ACTION ITEM>
Extract each line from the entries below that has the string "IfcWindow" in it.

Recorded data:
⁂

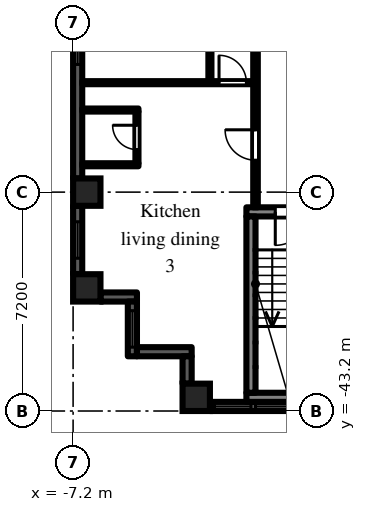
"""IFC4 building model, lengths in metres.
Left out: names, types, materials, properties, quantities, classifications, styles, units other than length and angle.
Written with IfcOpenShell. Run it as: python <this file> out.ifc"""

import sys

from ifc_helpers import new_model, si_unit, direction, frame, frame_2d, origin, origin_2d, place, context, subcontext, project, spatial, rectangle, extrude, element, fill, save


model = new_model("IFC4")
c1 = context("Model", 3, precision=1e-05, world=origin(), true_north=direction((0.0, 1.0)))
c2 = subcontext(c1, "Body", "Model", "MODEL_VIEW")
j1 = project(units=[si_unit("LENGTHUNIT", "METRE"), si_unit("PLANEANGLEUNIT", "RADIAN")], contexts=[c1])
p1 = place(None, origin())
s1 = spatial("IfcSite", under=j1, at=p1, CompositionType="ELEMENT")
p2 = place(p1, origin())
s2 = spatial("IfcBuilding", under=s1, at=p2, CompositionType="ELEMENT")
p3 = place(p2, frame((0.0, 0.0, 53.7)))
s3 = spatial("IfcBuildingStorey", under=s2, at=p3, CompositionType="ELEMENT", Elevation=53.7)
for number, where, z_axis, x_axis in (
    (1, (-6.75, -39.15, 0.0), (0.0, 0.0, 1.0), (1.0, 0.0, 0.0)),
    (2, (-6.75, -36.0, 0.0), (0.0, 0.0, 1.0), (1.0, 0.0, 0.0)),
    (3, (-3.15, -42.75, 0.0), (0.0, 0.0, 1.0), (1.0, 0.0, 0.0)),
):
    element("IfcColumn", number, at=place(p3, frame(where, z_axis=z_axis, x_axis=x_axis)), inside=s3, PredefinedType="COLUMN", context=c2, shape_type="SweptSolid", body=[
        extrude(rectangle(XDim=0.9, YDim=0.9, at=origin_2d()), origin(), (0.0, 0.0, 1.0), 3.0),
    ])
p4 = place(p3, frame((-7.05, -29.25, 0.0), z_axis=(0.0, 0.0, 1.0), x_axis=(0.0, -1.0, 0.0)))
e4 = element("IfcWall", 4, at=p4, inside=s3, PredefinedType="SOLIDWALL", context=c2, shape_type="SweptSolid", body=[
    extrude(rectangle(XDim=6.3, YDim=0.3, at=frame_2d((3.15, 0.0))), origin(), (0.0, 0.0, 1.0), 2.1),
])
p5 = place(p4, frame((0.15, 0.0, 0.2)))
e5 = element("IfcOpeningElement", 5, at=p5, cuts=e4, PredefinedType="OPENING", context=c2, shape_type="SweptSolid", body=[
    extrude(rectangle(XDim=2.4, YDim=1.85, at=frame_2d((1.2, 0.925))), frame((0.0, 0.16, 0.0), z_axis=(0.0, -1.0, 0.0), x_axis=(1.0, 0.0, 0.0)), (0.0, 0.0, 1.0), 0.32),
])
p6 = place(p3, frame((-7.05, -36.45, 0.0), z_axis=(0.0, 0.0, 1.0), x_axis=(0.0, -1.0, 0.0)))
e6 = element("IfcWall", 6, at=p6, inside=s3, PredefinedType="SOLIDWALL", context=c2, shape_type="SweptSolid", body=[
    extrude(rectangle(XDim=2.25, YDim=0.3, at=frame_2d((1.125, 0.0))), origin(), (0.0, 0.0, 1.0), 2.1),
])
p7 = place(p6, frame((0.525, 0.0, 0.2)))
e7 = element("IfcOpeningElement", 7, at=p7, cuts=e6, PredefinedType="OPENING", context=c2, shape_type="SweptSolid", body=[
    extrude(rectangle(XDim=1.2, YDim=1.85, at=frame_2d((0.6, 0.925))), frame((0.0, 0.16, 0.0), z_axis=(0.0, -1.0, 0.0), x_axis=(1.0, 0.0, 0.0)), (0.0, 0.0, 1.0), 0.32),
])
p8 = place(p3, frame((-6.3, -39.45, 0.0), z_axis=(0.0, 0.0, 1.0), x_axis=(1.0, 0.0, 0.0)))
e8 = element("IfcWall", 8, at=p8, inside=s3, PredefinedType="SOLIDWALL", context=c2, shape_type="SweptSolid", body=[
    extrude(rectangle(XDim=1.2, YDim=0.3, at=frame_2d((0.6, 0.0))), origin(), (0.0, 0.0, 1.0), 2.575),
])
p9 = place(p3, frame((-5.25, -39.6, 0.0), z_axis=(0.0, 0.0, 1.0), x_axis=(0.0, -1.0, 0.0)))
e9 = element("IfcWall", 9, at=p9, inside=s3, PredefinedType="SOLIDWALL", context=c2, shape_type="SweptSolid", body=[
    extrude(rectangle(XDim=1.8, YDim=0.3, at=frame_2d((0.9, 0.0))), origin(), (0.0, 0.0, 1.0), 2.575),
])
p10 = place(p9, frame((0.3, 0.0, 0.2)))
e10 = element("IfcOpeningElement", 10, at=p10, cuts=e9, PredefinedType="OPENING", context=c2, shape_type="SweptSolid", body=[
    extrude(rectangle(XDim=1.2, YDim=1.85, at=frame_2d((0.6, 0.925))), frame((0.0, 0.16, 0.0), z_axis=(0.0, -1.0, 0.0), x_axis=(1.0, 0.0, 0.0)), (0.0, 0.0, 1.0), 0.32),
])
p11 = place(p3, frame((-5.1, -41.25, 0.0), z_axis=(0.0, 0.0, 1.0), x_axis=(1.0, 0.0, 0.0)))
e11 = element("IfcWall", 11, at=p11, inside=s3, PredefinedType="SOLIDWALL", context=c2, shape_type="SweptSolid", body=[
    extrude(rectangle(XDim=1.8, YDim=0.3, at=frame_2d((0.9, 0.0))), origin(), (0.0, 0.0, 1.0), 2.575),
])
p12 = place(p3, frame((-3.45, -41.4, 0.0), z_axis=(0.0, 0.0, 1.0), x_axis=(0.0, -1.0, 0.0)))
e12 = element("IfcWall", 12, at=p12, inside=s3, PredefinedType="SOLIDWALL", context=c2, shape_type="SweptSolid", body=[
    extrude(rectangle(XDim=0.9, YDim=0.3, at=frame_2d((0.45, 0.0))), origin(), (0.0, 0.0, 1.0), 2.575),
])
p13 = place(p3, frame((-2.7, -43.05, 0.0), z_axis=(0.0, 0.0, 1.0), x_axis=(1.0, 0.0, 0.0)))
e13 = element("IfcWall", 13, at=p13, inside=s3, PredefinedType="SOLIDWALL", context=c2, shape_type="SweptSolid", body=[
    extrude(rectangle(XDim=5.4, YDim=0.3, at=frame_2d((2.7, 0.0))), origin(), (0.0, 0.0, 1.0), 2.1),
])
p14 = place(p13, frame((1.5, 0.0, 0.2)))
e14 = element("IfcOpeningElement", 14, at=p14, cuts=e13, PredefinedType="OPENING", context=c2, shape_type="SweptSolid", body=[
    extrude(rectangle(XDim=2.4, YDim=1.85, at=frame_2d((1.2, 0.925))), frame((0.0, 0.16, 0.0), z_axis=(0.0, -1.0, 0.0), x_axis=(1.0, 0.0, 0.0)), (0.0, 0.0, 1.0), 0.32),
])
p15 = place(p13, frame((0.15, 0.0, 0.2)))
e15 = element("IfcOpeningElement", 15, at=p15, cuts=e13, PredefinedType="OPENING", context=c2, shape_type="SweptSolid", body=[
    extrude(rectangle(XDim=1.2, YDim=1.85, at=frame_2d((0.6, 0.925))), frame((0.0, 0.16, 0.0), z_axis=(0.0, -1.0, 0.0), x_axis=(1.0, 0.0, 0.0)), (0.0, 0.0, 1.0), 0.32),
])
p16 = place(p13, frame((4.05, 0.0, 0.2)))
e16 = element("IfcOpeningElement", 16, at=p16, cuts=e13, PredefinedType="OPENING", context=c2, shape_type="SweptSolid", body=[
    extrude(rectangle(XDim=1.2, YDim=1.85, at=frame_2d((0.6, 0.925))), frame((0.0, 0.16, 0.0), z_axis=(0.0, -1.0, 0.0), x_axis=(1.0, 0.0, 0.0)), (0.0, 0.0, 1.0), 0.32),
])
p17 = place(p3, frame((-1.5, -36.65, 0.0), z_axis=(0.0, 0.0, 1.0), x_axis=(1.0, 0.0, 0.0)))
e17 = element("IfcWall", 17, at=p17, inside=s3, PredefinedType="SHEAR", context=c2, shape_type="SweptSolid", body=[
    extrude(rectangle(XDim=3.0, YDim=0.3, at=frame_2d((1.5, 0.0))), origin(), (0.0, 0.0, 1.0), 2.575),
])
p18 = place(p17, frame((0.95, 0.0, 0.0)))
e18 = element("IfcOpeningElement", 18, at=p18, cuts=e17, PredefinedType="OPENING", context=c2, shape_type="SweptSolid", body=[
    extrude(rectangle(XDim=1.1, YDim=2.1, at=frame_2d((0.55, 1.05))), frame((0.0, 0.16, 0.0), z_axis=(0.0, -1.0, 0.0), x_axis=(1.0, 0.0, 0.0)), (0.0, 0.0, 1.0), 0.32),
])
p19 = place(p3, frame((-1.5, -42.75, 0.0), z_axis=(0.0, 0.0, 1.0), x_axis=(1.0, 0.0, 0.0)))
e19 = element("IfcWall", 19, at=p19, inside=s3, PredefinedType="SHEAR", context=c2, shape_type="SweptSolid", body=[
    extrude(rectangle(XDim=3.0, YDim=0.3, at=frame_2d((1.5, 0.0))), origin(), (0.0, 0.0, 1.0), 2.575),
])
p20 = place(p3, frame((-1.35, -36.8, 0.0), z_axis=(0.0, 0.0, 1.0), x_axis=(0.0, -1.0, 0.0)))
e20 = element("IfcWall", 20, at=p20, inside=s3, PredefinedType="SHEAR", context=c2, shape_type="SweptSolid", body=[
    extrude(rectangle(XDim=5.8, YDim=0.3, at=frame_2d((2.9, 0.0))), origin(), (0.0, 0.0, 1.0), 2.575),
])
for number, where, z_axis, x_axis in (
    (21, (-6.9, -35.1, 0.0), (0.0, 0.0, 1.0), (1.0, 0.0, 0.0)),
    (22, (-6.9, -33.3, 0.0), (0.0, 0.0, 1.0), (1.0, 0.0, 0.0)),
):
    element("IfcWall", number, at=place(p3, frame(where, z_axis=z_axis, x_axis=x_axis)), inside=s3, PredefinedType="PARTITIONING", context=c2, shape_type="SweptSolid", body=[
        extrude(rectangle(XDim=1.85, YDim=0.1, at=frame_2d((0.925, 0.0))), origin(), (0.0, 0.0, 1.0), 2.575),
    ])
p21 = place(p3, frame((-6.9, -32.4, 0.0), z_axis=(0.0, 0.0, 1.0), x_axis=(1.0, 0.0, 0.0)))
e23 = element("IfcWall", 23, at=p21, inside=s3, PredefinedType="PARTITIONING", context=c2, shape_type="SweptSolid", body=[
    extrude(rectangle(XDim=5.625, YDim=0.1, at=frame_2d((2.812, 0.0))), origin(), (0.0, 0.0, 1.0), 2.575),
])
p22 = place(p21, frame((4.5, 0.0, 0.0)))
e24 = element("IfcOpeningElement", 24, at=p22, cuts=e23, PredefinedType="OPENING", context=c2, shape_type="SweptSolid", body=[
    extrude(rectangle(XDim=0.9, YDim=2.1, at=frame_2d((0.45, 1.05))), frame((0.0, 0.06, 0.0), z_axis=(0.0, -1.0, 0.0), x_axis=(1.0, 0.0, 0.0)), (0.0, 0.0, 1.0), 0.12),
])
p23 = place(p3, frame((-5.1, -35.05, 0.0), z_axis=(0.0, 0.0, 1.0), x_axis=(0.0, 1.0, 0.0)))
e25 = element("IfcWall", 25, at=p23, inside=s3, PredefinedType="PARTITIONING", context=c2, shape_type="SweptSolid", body=[
    extrude(rectangle(XDim=1.7, YDim=0.1, at=frame_2d((0.85, 0.0))), origin(), (0.0, 0.0, 1.0), 2.575),
])
p24 = place(p23, frame((0.45, 0.0, 0.0)))
e26 = element("IfcOpeningElement", 26, at=p24, cuts=e25, PredefinedType="OPENING", context=c2, shape_type="SweptSolid", body=[
    extrude(rectangle(XDim=0.8, YDim=2.1, at=frame_2d((0.4, 1.05))), frame((0.0, 0.06, 0.0), z_axis=(0.0, -1.0, 0.0), x_axis=(1.0, 0.0, 0.0)), (0.0, 0.0, 1.0), 0.12),
])
p25 = place(p3, frame((-2.7, -32.35, 0.0), z_axis=(0.0, 0.0, 1.0), x_axis=(0.0, 1.0, 0.0)))
e27 = element("IfcWall", 27, at=p25, inside=s3, PredefinedType="PARTITIONING", context=c2, shape_type="SweptSolid", body=[
    extrude(rectangle(XDim=14.25, YDim=0.1, at=frame_2d((7.125, 0.0))), origin(), (0.0, 0.0, 1.0), 2.575),
])
p26 = place(p25, frame((3.28, 0.0, 0.0)))
e28 = element("IfcOpeningElement", 28, at=p26, cuts=e27, PredefinedType="OPENING", context=c2, shape_type="SweptSolid", body=[
    extrude(rectangle(XDim=0.9, YDim=2.1, at=frame_2d((0.45, 1.05))), frame((0.0, 0.06, 0.0), z_axis=(0.0, -1.0, 0.0), x_axis=(1.0, 0.0, 0.0)), (0.0, 0.0, 1.0), 0.12),
])
p27 = place(p25, frame((10.12, 0.0, 0.0)))
e29 = element("IfcOpeningElement", 29, at=p27, cuts=e27, PredefinedType="OPENING", context=c2, shape_type="SweptSolid", body=[
    extrude(rectangle(XDim=0.9, YDim=2.1, at=frame_2d((0.45, 1.05))), frame((0.0, 0.06, 0.0), z_axis=(0.0, -1.0, 0.0), x_axis=(1.0, 0.0, 0.0)), (0.0, 0.0, 1.0), 0.12),
])
p28 = place(p3, frame((-1.2, -36.5, 0.0), z_axis=(0.0, 0.0, 1.0), x_axis=(0.0, 1.0, 0.0)))
e30 = element("IfcWall", 30, at=p28, inside=s3, PredefinedType="PARTITIONING", context=c2, shape_type="SweptSolid", body=[
    extrude(rectangle(XDim=35.225, YDim=0.15, at=frame_2d((17.613, 0.0))), origin(), (0.0, 0.0, 1.0), 2.575),
])
p29 = place(p28, frame((31.85, 0.0, 0.0)))
e31 = element("IfcOpeningElement", 31, at=p29, cuts=e30, PredefinedType="OPENING", context=c2, shape_type="SweptSolid", body=[
    extrude(rectangle(XDim=0.9, YDim=2.1, at=frame_2d((0.45, 1.05))), frame((0.0, 0.085, 0.0), z_axis=(0.0, -1.0, 0.0), x_axis=(1.0, 0.0, 0.0)), (0.0, 0.0, 1.0), 0.17),
])
p30 = place(p28, frame((23.05, 0.0, 0.0)))
e32 = element("IfcOpeningElement", 32, at=p30, cuts=e30, PredefinedType="OPENING", context=c2, shape_type="SweptSolid", body=[
    extrude(rectangle(XDim=0.9, YDim=2.1, at=frame_2d((0.45, 1.05))), frame((0.0, 0.085, 0.0), z_axis=(0.0, -1.0, 0.0), x_axis=(1.0, 0.0, 0.0)), (0.0, 0.0, 1.0), 0.17),
])
p31 = place(p28, frame((26.65, 0.0, 0.0)))
e33 = element("IfcOpeningElement", 33, at=p31, cuts=e30, PredefinedType="OPENING", context=c2, shape_type="SweptSolid", body=[
    extrude(rectangle(XDim=0.9, YDim=2.1, at=frame_2d((0.45, 1.05))), frame((0.0, 0.085, 0.0), z_axis=(0.0, -1.0, 0.0), x_axis=(1.0, 0.0, 0.0)), (0.0, 0.0, 1.0), 0.17),
])
p32 = place(p28, frame((20.9, 0.0, 0.0)))
e34 = element("IfcOpeningElement", 34, at=p32, cuts=e30, PredefinedType="OPENING", context=c2, shape_type="SweptSolid", body=[
    extrude(rectangle(XDim=1.0, YDim=2.1, at=frame_2d((0.5, 1.05))), frame((0.0, 0.085, 0.0), z_axis=(0.0, -1.0, 0.0), x_axis=(1.0, 0.0, 0.0)), (0.0, 0.0, 1.0), 0.17),
])
p33 = place(p28, frame((1.55, 0.0, 0.0)))
e35 = element("IfcOpeningElement", 35, at=p33, cuts=e30, PredefinedType="OPENING", context=c2, shape_type="SweptSolid", body=[
    extrude(rectangle(XDim=1.0, YDim=2.1, at=frame_2d((0.5, 1.05))), frame((0.0, 0.085, 0.0), z_axis=(0.0, -1.0, 0.0), x_axis=(1.0, 0.0, 0.0)), (0.0, 0.0, 1.0), 0.17),
])
p34 = place(p5, origin())
e36 = element("IfcWindow", 36, at=p34, inside=s3, PartitioningType="SINGLE_PANEL", PredefinedType="WINDOW", context=c2, shape_type="SweptSolid", body=[
    extrude(rectangle(XDim=2.4, YDim=1.85, at=frame_2d((1.2, 0.925))), frame((0.0, 0.03, 0.0), z_axis=(0.0, -1.0, 0.0), x_axis=(1.0, 0.0, 0.0)), (0.0, 0.0, 1.0), 0.06),
])
fill(e5, e36)
p35 = place(p7, origin())
e37 = element("IfcWindow", 37, at=p35, inside=s3, PartitioningType="SINGLE_PANEL", PredefinedType="WINDOW", context=c2, shape_type="SweptSolid", body=[
    extrude(rectangle(XDim=1.2, YDim=1.85, at=frame_2d((0.6, 0.925))), frame((0.0, 0.03, 0.0), z_axis=(0.0, -1.0, 0.0), x_axis=(1.0, 0.0, 0.0)), (0.0, 0.0, 1.0), 0.06),
])
fill(e7, e37)
p36 = place(p10, origin())
e38 = element("IfcWindow", 38, at=p36, inside=s3, PartitioningType="SINGLE_PANEL", PredefinedType="WINDOW", context=c2, shape_type="SweptSolid", body=[
    extrude(rectangle(XDim=1.2, YDim=1.85, at=frame_2d((0.6, 0.925))), frame((0.0, 0.03, 0.0), z_axis=(0.0, -1.0, 0.0), x_axis=(1.0, 0.0, 0.0)), (0.0, 0.0, 1.0), 0.06),
])
fill(e10, e38)
p37 = place(p14, origin())
e39 = element("IfcWindow", 39, at=p37, inside=s3, PartitioningType="SINGLE_PANEL", PredefinedType="WINDOW", context=c2, shape_type="SweptSolid", body=[
    extrude(rectangle(XDim=2.4, YDim=1.85, at=frame_2d((1.2, 0.925))), frame((0.0, 0.03, 0.0), z_axis=(0.0, -1.0, 0.0), x_axis=(1.0, 0.0, 0.0)), (0.0, 0.0, 1.0), 0.06),
])
fill(e14, e39)
p38 = place(p15, origin())
e40 = element("IfcWindow", 40, at=p38, inside=s3, PartitioningType="SINGLE_PANEL", PredefinedType="WINDOW", context=c2, shape_type="SweptSolid", body=[
    extrude(rectangle(XDim=1.2, YDim=1.85, at=frame_2d((0.6, 0.925))), frame((0.0, 0.03, 0.0), z_axis=(0.0, -1.0, 0.0), x_axis=(1.0, 0.0, 0.0)), (0.0, 0.0, 1.0), 0.06),
])
fill(e15, e40)
p39 = place(p18, frame((1.1, 0.0, 0.0), z_axis=(0.0, 0.0, 1.0), x_axis=(-1.0, 0.0, 0.0)))
e41 = element("IfcDoor", 41, at=p39, inside=s3, OperationType="SINGLE_SWING_RIGHT", PredefinedType="DOOR", context=c2, shape_type="SweptSolid", body=[
    extrude(rectangle(XDim=1.1, YDim=2.1, at=frame_2d((0.55, 1.05))), frame((0.0, 0.025, 0.0), z_axis=(0.0, -1.0, 0.0), x_axis=(1.0, 0.0, 0.0)), (0.0, 0.0, 1.0), 0.05),
])
fill(e18, e41)
p40 = place(p24, origin())
e42 = element("IfcDoor", 42, at=p40, inside=s3, OperationType="SINGLE_SWING_RIGHT", PredefinedType="DOOR", context=c2, shape_type="SweptSolid", body=[
    extrude(rectangle(XDim=0.8, YDim=2.1, at=frame_2d((0.4, 1.05))), frame((0.0, 0.025, 0.0), z_axis=(0.0, -1.0, 0.0), x_axis=(1.0, 0.0, 0.0)), (0.0, 0.0, 1.0), 0.05),
])
fill(e26, e42)
p41 = place(p33, origin())
e43 = element("IfcDoor", 43, at=p41, inside=s3, OperationType="SINGLE_SWING_RIGHT", PredefinedType="DOOR", context=c2, shape_type="SweptSolid", body=[
    extrude(rectangle(XDim=1.0, YDim=2.1, at=frame_2d((0.5, 1.05))), frame((0.0, 0.025, 0.0), z_axis=(0.0, -1.0, 0.0), x_axis=(1.0, 0.0, 0.0)), (0.0, 0.0, 1.0), 0.05),
])
fill(e35, e43)
p42 = place(p22, origin())
e44 = element("IfcDoor", 44, at=p42, inside=s3, OperationType="SINGLE_SWING_LEFT", PredefinedType="DOOR", context=c2, shape_type="SweptSolid", body=[
    extrude(rectangle(XDim=0.9, YDim=2.1, at=frame_2d((0.45, 1.05))), frame((0.0, 0.025, 0.0), z_axis=(0.0, -1.0, 0.0), x_axis=(1.0, 0.0, 0.0)), (0.0, 0.0, 1.0), 0.05),
])
fill(e24, e44)
save(model, sys.argv[1])

⁂

TASK OUTPUT>
e36 = element("IfcWindow", 36, at=p34, inside=s3, PartitioningType="SINGLE_PANEL", PredefinedType="WINDOW", context=c2, shape_type="SweptSolid", body=[
e37 = element("IfcWindow", 37, at=p35, inside=s3, PartitioningType="SINGLE_PANEL", PredefinedType="WINDOW", context=c2, shape_type="SweptSolid", body=[
e38 = element("IfcWindow", 38, at=p36, inside=s3, PartitioningType="SINGLE_PANEL", PredefinedType="WINDOW", context=c2, shape_type="SweptSolid", body=[
e39 = element("IfcWindow", 39, at=p37, inside=s3, PartitioningType="SINGLE_PANEL", PredefinedType="WINDOW", context=c2, shape_type="SweptSolid", body=[
e40 = element("IfcWindow", 40, at=p38, inside=s3, PartitioningType="SINGLE_PANEL", PredefinedType="WINDOW", context=c2, shape_type="SweptSolid", body=[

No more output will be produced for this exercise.